[Supplied data]

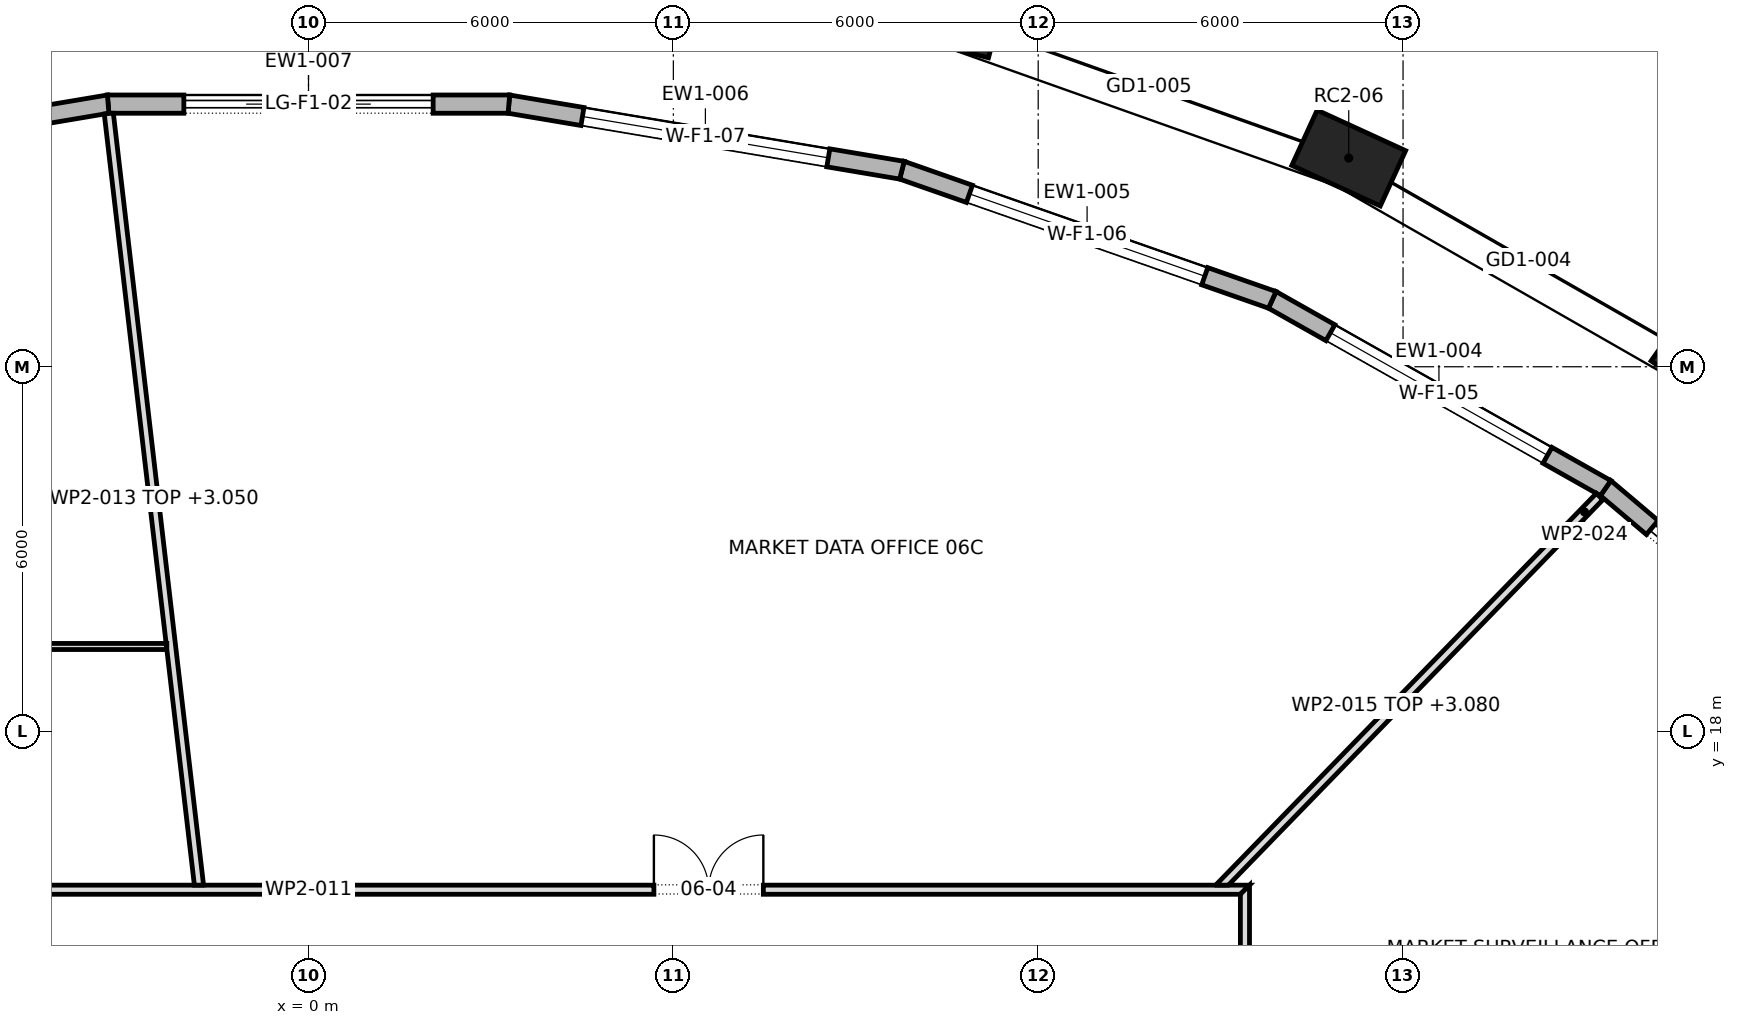
"""IFC4 building model, lengths in metres.
Left out: names, types, materials, properties, quantities, classifications, styles, units other than length and angle.
Written with IfcOpenShell. Run it as: python <this file> out.ifc"""

import sys

from ifc_helpers import new_model, si_unit, direction, frame, frame_2d, origin, origin_2d, place, context, subcontext, project, spatial, polyline, rectangle, outline, extrude, element, fill, save


model = new_model("IFC4")
c1 = context("Model", 3, precision=1e-05, world=origin(), true_north=direction((0.0, 1.0)))
c2 = subcontext(c1, "Body", "Model", "MODEL_VIEW")
j1 = project(units=[si_unit("LENGTHUNIT", "METRE"), si_unit("PLANEANGLEUNIT", "RADIAN")], contexts=[c1])
p1 = place(None, origin())
s1 = spatial("IfcSite", under=j1, at=p1, CompositionType="ELEMENT")
p2 = place(p1, origin())
s2 = spatial("IfcBuilding", under=s1, at=p2, CompositionType="ELEMENT")
p3 = place(p2, frame((0.0, 0.0, 86.5)))
s3 = spatial("IfcBuildingStorey", under=s2, at=p3, CompositionType="ELEMENT", Elevation=86.5)
for number, where, z_axis, x_axis in (
    (1, (23.022, 24.045, 0.0), (0.0, 0.0, 1.0), (-0.818, 0.575, 0.0)),
    (2, (17.107, 27.432, 0.0), (0.0, 0.0, 1.0), (-0.909, 0.417, 0.0)),
    (3, (10.534, 29.766, 0.0), (0.0, 0.0, 1.0), (-0.968, 0.252, 0.0)),
):
    element("IfcColumn", number, at=place(p3, frame(where, z_axis=z_axis, x_axis=x_axis)), inside=s3, PredefinedType="COLUMN", context=c2, shape_type="SweptSolid", body=[
        extrude(rectangle(XDim=1.6, YDim=1.0, at=origin_2d()), origin(), (0.0, 0.0, 1.0), 4.2),
    ])
p4 = place(p3, frame((25.996, 18.062, 0.0), z_axis=(0.0, 0.0, 1.0), x_axis=(-0.763753100684, 0.645508482667, 0.0)))
e4 = element("IfcWall", 4, at=p4, inside=s3, PredefinedType="STANDARD", context=c2, shape_type="SweptSolid", body=[
    extrude(outline(polyline([(-0.015, -0.15), (6.122, -0.15), (6.093, 0.15), (0.015, 0.15), (-0.015, -0.15)])), origin(), (0.0, 0.0, 1.0), 3.9),
])
p5 = place(p4, frame((1.004, 0.0, 0.0)))
e5 = element("IfcOpeningElement", 5, at=p5, cuts=e4, PredefinedType="OPENING", context=c2, shape_type="SweptSolid", body=[
    extrude(rectangle(XDim=4.1, YDim=3.45, at=frame_2d((2.05, 1.725))), frame((0.0, 0.162, 0.0), z_axis=(0.0, -1.0, 0.0), x_axis=(1.0, 0.0, 0.0)), (0.0, 0.0, 1.0), 0.324),
])
p6 = place(p3, frame((21.332, 22.004, 0.0), z_axis=(0.0, 0.0, 1.0), x_axis=(-0.870737550302, 0.491748023376, 0.0)))
e6 = element("IfcWall", 6, at=p6, inside=s3, PredefinedType="STANDARD", context=c2, shape_type="SweptSolid", body=[
    extrude(outline(polyline([(-0.014, -0.15), (6.31, -0.15), (6.283, 0.15), (0.014, 0.15), (-0.014, -0.15)])), origin(), (0.0, 0.0, 1.0), 3.9),
])
p7 = place(p6, frame((1.098, 0.0, 0.6)))
e7 = element("IfcOpeningElement", 7, at=p7, cuts=e6, PredefinedType="OPENING", context=c2, shape_type="SweptSolid", body=[
    extrude(rectangle(XDim=4.1, YDim=2.85, at=frame_2d((2.05, 1.425))), frame((0.0, 0.162, 0.0), z_axis=(0.0, -1.0, 0.0), x_axis=(1.0, 0.0, 0.0)), (0.0, 0.0, 1.0), 0.324),
])
p8 = place(p3, frame((15.849, 25.1, 0.0), z_axis=(0.0, 0.0, 1.0), x_axis=(-0.943820008365, 0.330459970057, 0.0)))
e8 = element("IfcWall", 8, at=p8, inside=s3, PredefinedType="STANDARD", context=c2, shape_type="SweptSolid", body=[
    extrude(outline(polyline([(-0.013, -0.15), (6.465, -0.15), (6.44, 0.15), (0.013, 0.15), (-0.013, -0.15)])), origin(), (0.0, 0.0, 1.0), 3.9),
])
p9 = place(p8, frame((1.176, 0.0, 0.6)))
e9 = element("IfcOpeningElement", 9, at=p9, cuts=e8, PredefinedType="OPENING", context=c2, shape_type="SweptSolid", body=[
    extrude(rectangle(XDim=4.1, YDim=2.85, at=frame_2d((2.05, 1.425))), frame((0.0, 0.162, 0.0), z_axis=(0.0, -1.0, 0.0), x_axis=(1.0, 0.0, 0.0)), (0.0, 0.0, 1.0), 0.324),
])
p10 = place(p3, frame((9.759, 27.232, 0.0), z_axis=(0.0, 0.0, 1.0), x_axis=(-0.986162431544, 0.165781961053, 0.0)))
e10 = element("IfcWall", 10, at=p10, inside=s3, PredefinedType="STANDARD", context=c2, shape_type="SweptSolid", body=[
    extrude(outline(polyline([(-0.013, -0.15), (6.567, -0.15), (6.542, 0.15), (0.013, 0.15), (-0.013, -0.15)])), origin(), (0.0, 0.0, 1.0), 3.9),
])
p11 = place(p10, frame((1.227, 0.0, 0.6)))
e11 = element("IfcOpeningElement", 11, at=p11, cuts=e10, PredefinedType="OPENING", context=c2, shape_type="SweptSolid", body=[
    extrude(rectangle(XDim=4.1, YDim=2.85, at=frame_2d((2.05, 1.425))), frame((0.0, 0.162, 0.0), z_axis=(0.0, -1.0, 0.0), x_axis=(1.0, 0.0, 0.0)), (0.0, 0.0, 1.0), 0.324),
])
p12 = place(p3, frame((3.295, 28.319, 0.0), z_axis=(0.0, 0.0, 1.0), x_axis=(-1.0, 0.0, 0.0)))
e12 = element("IfcWall", 12, at=p12, inside=s3, PredefinedType="STANDARD", context=c2, shape_type="SweptSolid", body=[
    extrude(outline(polyline([(-0.012, -0.15), (6.602, -0.15), (6.577, 0.15), (0.012, 0.15), (-0.012, -0.15)])), origin(), (0.0, 0.0, 1.0), 3.9),
])
p13 = place(p12, frame((1.245, 0.0, 0.0)))
e13 = element("IfcOpeningElement", 13, at=p13, cuts=e12, PredefinedType="OPENING", context=c2, shape_type="SweptSolid", body=[
    extrude(rectangle(XDim=4.1, YDim=3.45, at=frame_2d((2.05, 1.725))), frame((0.0, 0.162, 0.0), z_axis=(0.0, -1.0, 0.0), x_axis=(1.0, 0.0, 0.0)), (0.0, 0.0, 1.0), 0.324),
])
p14 = place(p3, frame((-3.295, 28.319, 0.0), z_axis=(0.0, 0.0, 1.0), x_axis=(-0.986162431544, -0.165781961053, 0.0)))
e14 = element("IfcWall", 14, at=p14, inside=s3, PredefinedType="STANDARD", context=c2, shape_type="SweptSolid", body=[
    extrude(outline(polyline([(-0.012, -0.15), (6.568, -0.15), (6.542, 0.15), (0.012, 0.15), (-0.012, -0.15)])), origin(), (0.0, 0.0, 1.0), 3.9),
])
p15 = place(p14, frame((1.227, 0.0, 0.6)))
e15 = element("IfcOpeningElement", 15, at=p15, cuts=e14, PredefinedType="OPENING", context=c2, shape_type="SweptSolid", body=[
    extrude(rectangle(XDim=4.1, YDim=2.85, at=frame_2d((2.05, 1.425))), frame((0.0, 0.162, 0.0), z_axis=(0.0, -1.0, 0.0), x_axis=(1.0, 0.0, 0.0)), (0.0, 0.0, 1.0), 0.324),
])
p16 = place(p3, frame((-15.475, 15.4, 0.0), z_axis=(0.0, 0.0, 1.0), x_axis=(1.0, 0.0, 0.0)))
e16 = element("IfcWall", 16, at=p16, inside=s3, PredefinedType="PARTITIONING", context=c2, shape_type="SweptSolid", body=[
    extrude(outline(polyline([(0.15, -0.075), (2.066, -0.075), (3.981, -0.075), (5.897, -0.075), (7.812, -0.075), (9.728, -0.075), (11.644, -0.075), (13.56, -0.075), (15.475, -0.075), (17.391, -0.075), (19.306, -0.075), (21.222, -0.075), (23.138, -0.075), (25.053, -0.075), (26.969, -0.075), (28.885, -0.075), (30.8, -0.075), (30.95, 0.075), (29.016, 0.075), (27.081, 0.075), (25.147, 0.075), (23.212, 0.075), (21.278, 0.075), (19.344, 0.075), (17.409, 0.075), (15.475, 0.075), (13.541, 0.075), (11.606, 0.075), (9.672, 0.075), (7.738, 0.075), (5.803, 0.075), (3.869, 0.075), (1.935, 0.075), (0.0, 0.075), (0.15, -0.075)])), origin(), (0.0, 0.0, 1.0), 3.9),
])
p17 = place(p16, frame((21.155, 0.0, 0.0)))
e17 = element("IfcOpeningElement", 17, at=p17, cuts=e16, PredefinedType="OPENING", context=c2, shape_type="SweptSolid", body=[
    extrude(rectangle(XDim=1.8, YDim=2.1, at=frame_2d((0.9, 1.05))), frame((0.0, 0.087, 0.0), z_axis=(0.0, -1.0, 0.0), x_axis=(1.0, 0.0, 0.0)), (0.0, 0.0, 1.0), 0.174),
])
p18 = place(p16, frame((9.21, 0.0, 0.0)))
e18 = element("IfcOpeningElement", 18, at=p18, cuts=e16, PredefinedType="OPENING", context=c2, shape_type="SweptSolid", body=[
    extrude(rectangle(XDim=1.0, YDim=2.1, at=frame_2d((0.5, 1.05))), frame((0.0, 0.087, 0.0), z_axis=(0.0, -1.0, 0.0), x_axis=(1.0, 0.0, 0.0)), (0.0, 0.0, 1.0), 0.174),
])
p19 = place(p16, frame((2.405, 0.0, 0.0)))
e19 = element("IfcOpeningElement", 19, at=p19, cuts=e16, PredefinedType="OPENING", context=c2, shape_type="SweptSolid", body=[
    extrude(rectangle(XDim=1.0, YDim=2.1, at=frame_2d((0.5, 1.05))), frame((0.0, 0.087, 0.0), z_axis=(0.0, -1.0, 0.0), x_axis=(1.0, 0.0, 0.0)), (0.0, 0.0, 1.0), 0.174),
])
p20 = place(p3, frame((-12.212, 19.4, 0.0), z_axis=(0.0, 0.0, 1.0), x_axis=(1.0, 0.0, 0.0)))
e20 = element("IfcWall", 20, at=p20, inside=s3, PredefinedType="PARTITIONING", context=c2, shape_type="SweptSolid", body=[
    extrude(outline(polyline([(9.882, -0.05), (9.882, -0.047), (9.871, 0.05), (7.896, 0.05), (5.922, 0.05), (3.948, 0.05), (1.974, 0.05), (0.0, 0.05), (0.0, 0.049), (0.063, -0.05), (2.027, -0.05), (3.99, -0.05), (5.954, -0.05), (7.918, -0.05), (9.882, -0.05)])), origin(), (0.0, 0.0, 1.0), 3.9),
])
p21 = place(p20, frame((4.497, 0.0, 0.0)))
e21 = element("IfcOpeningElement", 21, at=p21, cuts=e20, PredefinedType="OPENING", context=c2, shape_type="SweptSolid", body=[
    extrude(rectangle(XDim=0.9, YDim=2.1, at=frame_2d((0.45, 1.05))), frame((0.0, 0.062, 0.0), z_axis=(0.0, -1.0, 0.0), x_axis=(1.0, 0.0, 0.0)), (0.0, 0.0, 1.0), 0.124),
])
p22 = place(p3, frame((-3.284, 28.165, 0.0), z_axis=(0.0, 0.0, 1.0), x_axis=(0.116072244208, -0.993240773491, 0.0)))
e22 = element("IfcWall", 22, at=p22, inside=s3, PredefinedType="PARTITIONING", context=c2, shape_type="SweptSolid", body=[
    extrude(outline(polyline([(0.0, -0.075), (1.753, -0.075), (3.506, -0.075), (5.259, -0.075), (7.012, -0.075), (8.765, -0.075), (8.766, -0.064), (8.862, -0.075), (10.814, -0.075), (12.767, -0.075), (12.784, 0.071), (12.784, 0.075), (10.958, 0.075), (9.133, 0.075), (7.307, 0.075), (5.481, 0.075), (3.656, 0.075), (1.83, 0.075), (0.004, 0.075), (0.0, 0.038), (0.0, -0.075)])), origin(), (0.0, 0.0, 1.0), 3.05),
])
p23 = place(p3, frame((14.972, 15.423, 0.0), z_axis=(0.0, 0.0, 1.0), x_axis=(0.696854208529, 0.717212808067, 0.0)))
e23 = element("IfcWall", 23, at=p23, inside=s3, PredefinedType="PARTITIONING", context=c2, shape_type="SweptSolid", body=[
    extrude(outline(polyline([(0.0, 0.075), (0.0, 0.074), (0.145, -0.075), (1.771, -0.075), (3.397, -0.075), (5.023, -0.075), (6.649, -0.075), (8.274, -0.075), (8.274, 0.075), (6.62, 0.075), (4.965, 0.075), (3.31, 0.075), (1.655, 0.075), (0.0, 0.075)])), origin(), (0.0, 0.0, 1.0), 3.08),
])
p24 = place(p3, frame((15.4, -4.54, 0.0), z_axis=(0.0, 0.0, 1.0), x_axis=(0.0, 1.0, 0.0)))
e24 = element("IfcWall", 24, at=p24, inside=s3, PredefinedType="PARTITIONING", context=c2, shape_type="SweptSolid", body=[
    extrude(outline(polyline([(0.0, -0.075), (1.82, -0.075), (3.639, -0.075), (5.458, -0.075), (7.278, -0.075), (9.098, -0.075), (10.917, -0.075), (12.737, -0.075), (14.556, -0.075), (16.376, -0.075), (18.195, -0.075), (20.015, -0.075), (19.865, 0.075), (17.878, 0.075), (15.892, 0.075), (13.906, 0.075), (11.919, 0.075), (9.933, 0.075), (7.946, 0.075), (5.959, 0.075), (3.973, 0.075), (1.987, 0.075), (0.0, 0.075), (0.0, -0.075)])), origin(), (0.0, 0.0, 1.0), 3.9),
])
p25 = place(p24, frame((5.25, 0.0, 0.0)))
e25 = element("IfcOpeningElement", 25, at=p25, cuts=e24, PredefinedType="OPENING", context=c2, shape_type="SweptSolid", body=[
    extrude(rectangle(XDim=1.0, YDim=2.1, at=frame_2d((0.5, 1.05))), frame((0.0, 0.087, 0.0), z_axis=(0.0, -1.0, 0.0), x_axis=(1.0, 0.0, 0.0)), (0.0, 0.0, 1.0), 0.174),
])
p26 = place(p24, frame((15.22, 0.0, 0.0)))
e26 = element("IfcOpeningElement", 26, at=p26, cuts=e24, PredefinedType="OPENING", context=c2, shape_type="SweptSolid", body=[
    extrude(rectangle(XDim=1.0, YDim=2.1, at=frame_2d((0.5, 1.05))), frame((0.0, 0.087, 0.0), z_axis=(0.0, -1.0, 0.0), x_axis=(1.0, 0.0, 0.0)), (0.0, 0.0, 1.0), 0.174),
])
p27 = place(p3, frame((20.739, 21.358, 0.0), z_axis=(0.0, 0.0, 1.0), x_axis=(0.697039010439, 0.717033205595, 0.0)))
e27 = element("IfcWall", 27, at=p27, inside=s3, PredefinedType="PARTITIONING", context=c2, shape_type="SweptSolid", body=[
    extrude(outline(polyline([(0.0, 0.075), (0.0, -0.075), (0.708, -0.075), (0.708, 0.075), (0.0, 0.075)])), origin(), (0.0, 0.0, 1.0), 3.9),
])
p28 = place(p5, origin())
e28 = element("IfcDoor", 28, at=p28, inside=s3, OperationType="DOUBLE_DOOR_SLIDING", PredefinedType="DOOR", context=c2, shape_type="SweptSolid", body=[
    extrude(rectangle(XDim=4.1, YDim=3.45, at=frame_2d((2.05, 1.725))), frame((0.0, 0.025, 0.0), z_axis=(0.0, -1.0, 0.0), x_axis=(1.0, 0.0, 0.0)), (0.0, 0.0, 1.0), 0.05),
])
fill(e5, e28)
p29 = place(p7, origin())
e29 = element("IfcWindow", 29, at=p29, inside=s3, PartitioningType="TRIPLE_PANEL_VERTICAL", PredefinedType="WINDOW", context=c2, shape_type="SweptSolid", body=[
    extrude(rectangle(XDim=4.1, YDim=2.85, at=frame_2d((2.05, 1.425))), frame((0.0, 0.03, 0.0), z_axis=(0.0, -1.0, 0.0), x_axis=(1.0, 0.0, 0.0)), (0.0, 0.0, 1.0), 0.06),
])
fill(e7, e29)
p30 = place(p9, origin())
e30 = element("IfcWindow", 30, at=p30, inside=s3, PartitioningType="TRIPLE_PANEL_VERTICAL", PredefinedType="WINDOW", context=c2, shape_type="SweptSolid", body=[
    extrude(rectangle(XDim=4.1, YDim=2.85, at=frame_2d((2.05, 1.425))), frame((0.0, 0.03, 0.0), z_axis=(0.0, -1.0, 0.0), x_axis=(1.0, 0.0, 0.0)), (0.0, 0.0, 1.0), 0.06),
])
fill(e9, e30)
p31 = place(p11, origin())
e31 = element("IfcWindow", 31, at=p31, inside=s3, PartitioningType="TRIPLE_PANEL_VERTICAL", PredefinedType="WINDOW", context=c2, shape_type="SweptSolid", body=[
    extrude(rectangle(XDim=4.1, YDim=2.85, at=frame_2d((2.05, 1.425))), frame((0.0, 0.03, 0.0), z_axis=(0.0, -1.0, 0.0), x_axis=(1.0, 0.0, 0.0)), (0.0, 0.0, 1.0), 0.06),
])
fill(e11, e31)
p32 = place(p13, origin())
e32 = element("IfcDoor", 32, at=p32, inside=s3, OperationType="DOUBLE_DOOR_SLIDING", PredefinedType="DOOR", context=c2, shape_type="SweptSolid", body=[
    extrude(rectangle(XDim=4.1, YDim=3.45, at=frame_2d((2.05, 1.725))), frame((0.0, 0.025, 0.0), z_axis=(0.0, -1.0, 0.0), x_axis=(1.0, 0.0, 0.0)), (0.0, 0.0, 1.0), 0.05),
])
fill(e13, e32)
p33 = place(p17, origin())
e33 = element("IfcDoor", 33, at=p33, inside=s3, OperationType="DOUBLE_DOOR_SINGLE_SWING", PredefinedType="DOOR", context=c2, shape_type="SweptSolid", body=[
    extrude(rectangle(XDim=1.8, YDim=2.1, at=frame_2d((0.9, 1.05))), frame((0.0, 0.025, 0.0), z_axis=(0.0, -1.0, 0.0), x_axis=(1.0, 0.0, 0.0)), (0.0, 0.0, 1.0), 0.05),
])
fill(e17, e33)
save(model, sys.argv[1])

[Task description] Please filter the data down to the lines containing the word "IfcDoor".

[Result for this task]
e28 = element("IfcDoor", 28, at=p28, inside=s3, OperationType="DOUBLE_DOOR_SLIDING", PredefinedType="DOOR", context=c2, shape_type="SweptSolid", body=[
e32 = element("IfcDoor", 32, at=p32, inside=s3, OperationType="DOUBLE_DOOR_SLIDING", PredefinedType="DOOR", context=c2, shape_type="SweptSolid", body=[
e33 = element("IfcDoor", 33, at=p33, inside=s3, OperationType="DOUBLE_DOOR_SINGLE_SWING", PredefinedType="DOOR", context=c2, shape_type="SweptSolid", body=[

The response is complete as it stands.